> [TASK DIRECTIONS]:
Filter the data for lines with the word "SweptSolid", then copy every line so identified.

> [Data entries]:
----

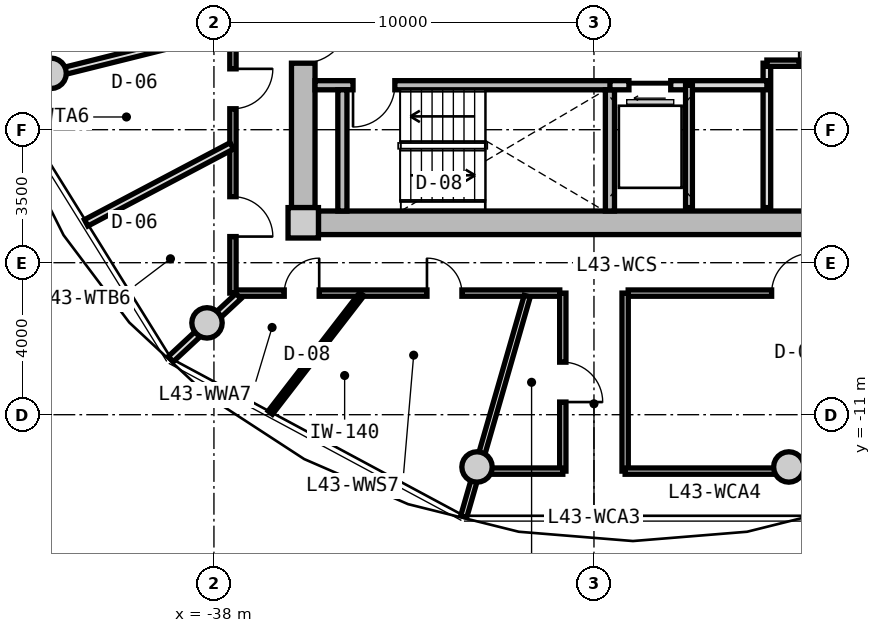
"""IFC4 building model, lengths in metres.
Left out: names, types, materials, properties, quantities, classifications, styles, units other than length and angle.
Written with IfcOpenShell. Run it as: python <this file> out.ifc"""

import sys

from ifc_helpers import new_model, si_unit, direction, frame, frame_2d, origin, origin_2d, place, context, subcontext, project, spatial, rectangle, circle, extrude, source, transform, mapped, element, fill, save


model = new_model("IFC4")
c1 = context("Model", 3, precision=1e-05, world=origin(), true_north=direction((0.0, 1.0)))
c2 = subcontext(c1, "Body", "Model", "MODEL_VIEW")
j1 = project(units=[si_unit("LENGTHUNIT", "METRE"), si_unit("PLANEANGLEUNIT", "RADIAN")], contexts=[c1])
p1 = place(None, origin())
s1 = spatial("IfcSite", under=j1, at=p1, CompositionType="ELEMENT")
p2 = place(p1, origin())
s2 = spatial("IfcBuilding", under=s1, at=p2, CompositionType="ELEMENT")
p3 = place(p2, frame((0.0, 0.0, 140.4)))
s3 = spatial("IfcBuildingStorey", under=s2, at=p3, CompositionType="ELEMENT", Elevation=140.4)
m1 = source(origin(), c2, "Body", "SweptSolid", [
    extrude(rectangle(XDim=0.8, YDim=0.8, at=origin_2d()), origin(), (0.0, 0.0, 1.0), 3.05),
])
p4 = place(p3, frame((-35.65, -5.95, 0.0), z_axis=(0.0, 0.0, 1.0), x_axis=(1.0, 0.0, 0.0)))
e1 = element("IfcColumn", 1, at=p4, inside=s3, PredefinedType="COLUMN", context=c2, shape_type="MappedRepresentation", body=[
    mapped(m1, transform((0.0, 0.0, 0.0), x_axis=(1.0, 0.0, 0.0), y_axis=(0.0, 1.0, 0.0), z_axis=(0.0, 0.0, 1.0), scale=1.0)),
])
m2 = source(origin(), c2, "Body", "SweptSolid", [
    extrude(rectangle(XDim=14.5, YDim=0.62, at=frame_2d((7.25, 0.0))), origin(), (0.0, 0.0, 1.0), 2.81),
])
p5 = place(p3, frame((-20.75, -5.95, 0.0), z_axis=(0.0, 0.0, 1.0), x_axis=(-1.0, 0.0, 0.0)))
e2 = element("IfcWall", 2, at=p5, inside=s3, PredefinedType="SHEAR", context=c2, shape_type="MappedRepresentation", body=[
    mapped(m2, transform((0.0, 0.0, 0.0), x_axis=(1.0, 0.0, 0.0), y_axis=(0.0, 1.0, 0.0), z_axis=(0.0, 0.0, 1.0), scale=1.0)),
])
m3 = source(origin(), c2, "Body", "SweptSolid", [
    extrude(rectangle(XDim=11.1, YDim=0.62, at=frame_2d((5.55, 0.0))), origin(), (0.0, 0.0, 1.0), 2.81),
])
p6 = place(p3, frame((-35.65, -5.55, 0.0), z_axis=(0.0, 0.0, 1.0), x_axis=(0.0, 1.0, 0.0)))
e3 = element("IfcWall", 3, at=p6, inside=s3, PredefinedType="SHEAR", context=c2, shape_type="MappedRepresentation", body=[
    mapped(m3, transform((0.0, 0.0, 0.0), x_axis=(1.0, 0.0, 0.0), y_axis=(0.0, 1.0, 0.0), z_axis=(0.0, 0.0, 1.0), scale=1.0)),
])
p7 = place(p6, frame((3.8, 0.0, 0.0)))
e4 = element("IfcOpeningElement", 4, at=p7, cuts=e3, PredefinedType="OPENING", context=c2, shape_type="SweptSolid", body=[
    extrude(rectangle(XDim=1.2, YDim=2.15, at=frame_2d((0.6, 1.075))), frame((0.0, 0.32, 0.0), z_axis=(0.0, -1.0, 0.0), x_axis=(1.0, 0.0, 0.0)), (0.0, 0.0, 1.0), 0.64),
])
m4 = source(origin(), c2, "Body", "SweptSolid", [
    extrude(circle(Radius=0.4, at=origin_2d()), origin(), (0.0, 0.0, 1.0), 3.05),
])
for number, where, z_axis, x_axis in (
    (5, (-42.285, -2.016, 0.0), (0.0, 0.0, 1.0), (1.0, 0.0, 0.0)),
    (6, (-38.183, -8.584, 0.0), (0.0, 0.0, 1.0), (1.0, 0.0, 0.0)),
    (7, (-31.077, -12.375, 0.0), (0.0, 0.0, 1.0), (1.0, 0.0, 0.0)),
    (8, (-22.873, -12.375, 0.0), (0.0, 0.0, 1.0), (1.0, 0.0, 0.0)),
):
    element("IfcColumn", number, at=place(p3, frame(where, z_axis=z_axis, x_axis=x_axis)), inside=s3, PredefinedType="COLUMN", context=c2, shape_type="MappedRepresentation", body=[
        mapped(m4, transform((0.0, 0.0, 0.0), x_axis=(1.0, 0.0, 0.0), y_axis=(0.0, 1.0, 0.0), z_axis=(0.0, 0.0, 1.0), scale=1.0)),
    ])
m5 = source(origin(), c2, "Body", "SweptSolid", [
    extrude(rectangle(XDim=7.88, YDim=0.24, at=frame_2d((3.94, 0.0))), origin(), (0.0, 0.0, 1.0), 2.81),
])
p8 = place(p3, frame((-35.34, -2.33, 0.0), z_axis=(0.0, 0.0, 1.0), x_axis=(1.0, 0.0, 0.0)))
e9 = element("IfcWall", 9, at=p8, inside=s3, PredefinedType="PARTITIONING", context=c2, shape_type="MappedRepresentation", body=[
    mapped(m5, transform((0.0, 0.0, 0.0), x_axis=(1.0, 0.0, 0.0), y_axis=(0.0, 1.0, 0.0), z_axis=(0.0, 0.0, 1.0), scale=1.0)),
])
p9 = place(p8, frame((1.0, 0.0, 0.0)))
e10 = element("IfcOpeningElement", 10, at=p9, cuts=e9, PredefinedType="OPENING", context=c2, shape_type="SweptSolid", body=[
    extrude(rectangle(XDim=1.1, YDim=2.15, at=frame_2d((0.55, 1.075))), frame((0.0, 0.13, 0.0), z_axis=(0.0, -1.0, 0.0), x_axis=(1.0, 0.0, 0.0)), (0.0, 0.0, 1.0), 0.26),
])
m6 = source(origin(), c2, "Body", "SweptSolid", [
    extrude(rectangle(XDim=3.19, YDim=0.24, at=frame_2d((1.595, 0.0))), origin(), (0.0, 0.0, 1.0), 2.81),
])
for number, where, z_axis, x_axis in (
    (11, (-34.62, -5.64, 0.0), (0.0, 0.0, 1.0), (0.0, 1.0, 0.0)),
    (12, (-27.58, -5.64, 0.0), (0.0, 0.0, 1.0), (0.0, 1.0, 0.0)),
):
    element("IfcWall", number, at=place(p3, frame(where, z_axis=z_axis, x_axis=x_axis)), inside=s3, PredefinedType="PARTITIONING", context=c2, shape_type="MappedRepresentation", body=[
        mapped(m6, transform((0.0, 0.0, 0.0), x_axis=(1.0, 0.0, 0.0), y_axis=(0.0, 1.0, 0.0), z_axis=(0.0, 0.0, 1.0), scale=1.0)),
    ])
m7 = source(origin(), c2, "Body", "SweptSolid", [
    extrude(rectangle(XDim=3.8, YDim=0.2, at=frame_2d((1.9, 0.0))), origin(), (0.0, 0.0, 1.0), 2.795),
])
p10 = place(p3, frame((-23.45, -5.55, 0.0), z_axis=(0.0, 0.0, 1.0), x_axis=(0.0, 1.0, 0.0)))
e13 = element("IfcWall", 13, at=p10, inside=s3, PredefinedType="PARTITIONING", context=c2, shape_type="MappedRepresentation", body=[
    mapped(m7, transform((0.0, 0.0, 0.0), x_axis=(1.0, 0.0, 0.0), y_axis=(0.0, 1.0, 0.0), z_axis=(0.0, 0.0, 1.0), scale=1.0)),
])
m8 = source(origin(), c2, "Body", "SweptSolid", [
    extrude(rectangle(XDim=4.13, YDim=0.24, at=frame_2d((2.065, 0.0))), origin(), (0.0, 0.0, 1.0), 2.795),
])
p11 = place(p3, frame((-27.58, -2.33, 0.0), z_axis=(0.0, 0.0, 1.0), x_axis=(1.0, 0.0, 0.0)))
e14 = element("IfcWall", 14, at=p11, inside=s3, PredefinedType="PARTITIONING", context=c2, shape_type="MappedRepresentation", body=[
    mapped(m8, transform((0.0, 0.0, 0.0), x_axis=(1.0, 0.0, 0.0), y_axis=(0.0, 1.0, 0.0), z_axis=(0.0, 0.0, 1.0), scale=1.0)),
])
p12 = place(p11, frame((0.5, 0.0, 0.0)))
e15 = element("IfcOpeningElement", 15, at=p12, cuts=e14, PredefinedType="OPENING", context=c2, shape_type="SweptSolid", body=[
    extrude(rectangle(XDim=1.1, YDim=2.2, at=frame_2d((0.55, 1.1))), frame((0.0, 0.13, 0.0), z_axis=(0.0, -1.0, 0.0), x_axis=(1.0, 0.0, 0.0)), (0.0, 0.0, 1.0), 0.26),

----

> [SOLUTION TO THIS PROBLEM]:
m1 = source(origin(), c2, "Body", "SweptSolid", [
m2 = source(origin(), c2, "Body", "SweptSolid", [
m3 = source(origin(), c2, "Body", "SweptSolid", [
e4 = element("IfcOpeningElement", 4, at=p7, cuts=e3, PredefinedType="OPENING", context=c2, shape_type="SweptSolid", body=[
m4 = source(origin(), c2, "Body", "SweptSolid", [
m5 = source(origin(), c2, "Body", "SweptSolid", [
e10 = element("IfcOpeningElement", 10, at=p9, cuts=e9, PredefinedType="OPENING", context=c2, shape_type="SweptSolid", body=[
m6 = source(origin(), c2, "Body", "SweptSolid", [
m7 = source(origin(), c2, "Body", "SweptSolid", [
m8 = source(origin(), c2, "Body", "SweptSolid", [
e15 = element("IfcOpeningElement", 15, at=p12, cuts=e14, PredefinedType="OPENING", context=c2, shape_type="SweptSolid", body=[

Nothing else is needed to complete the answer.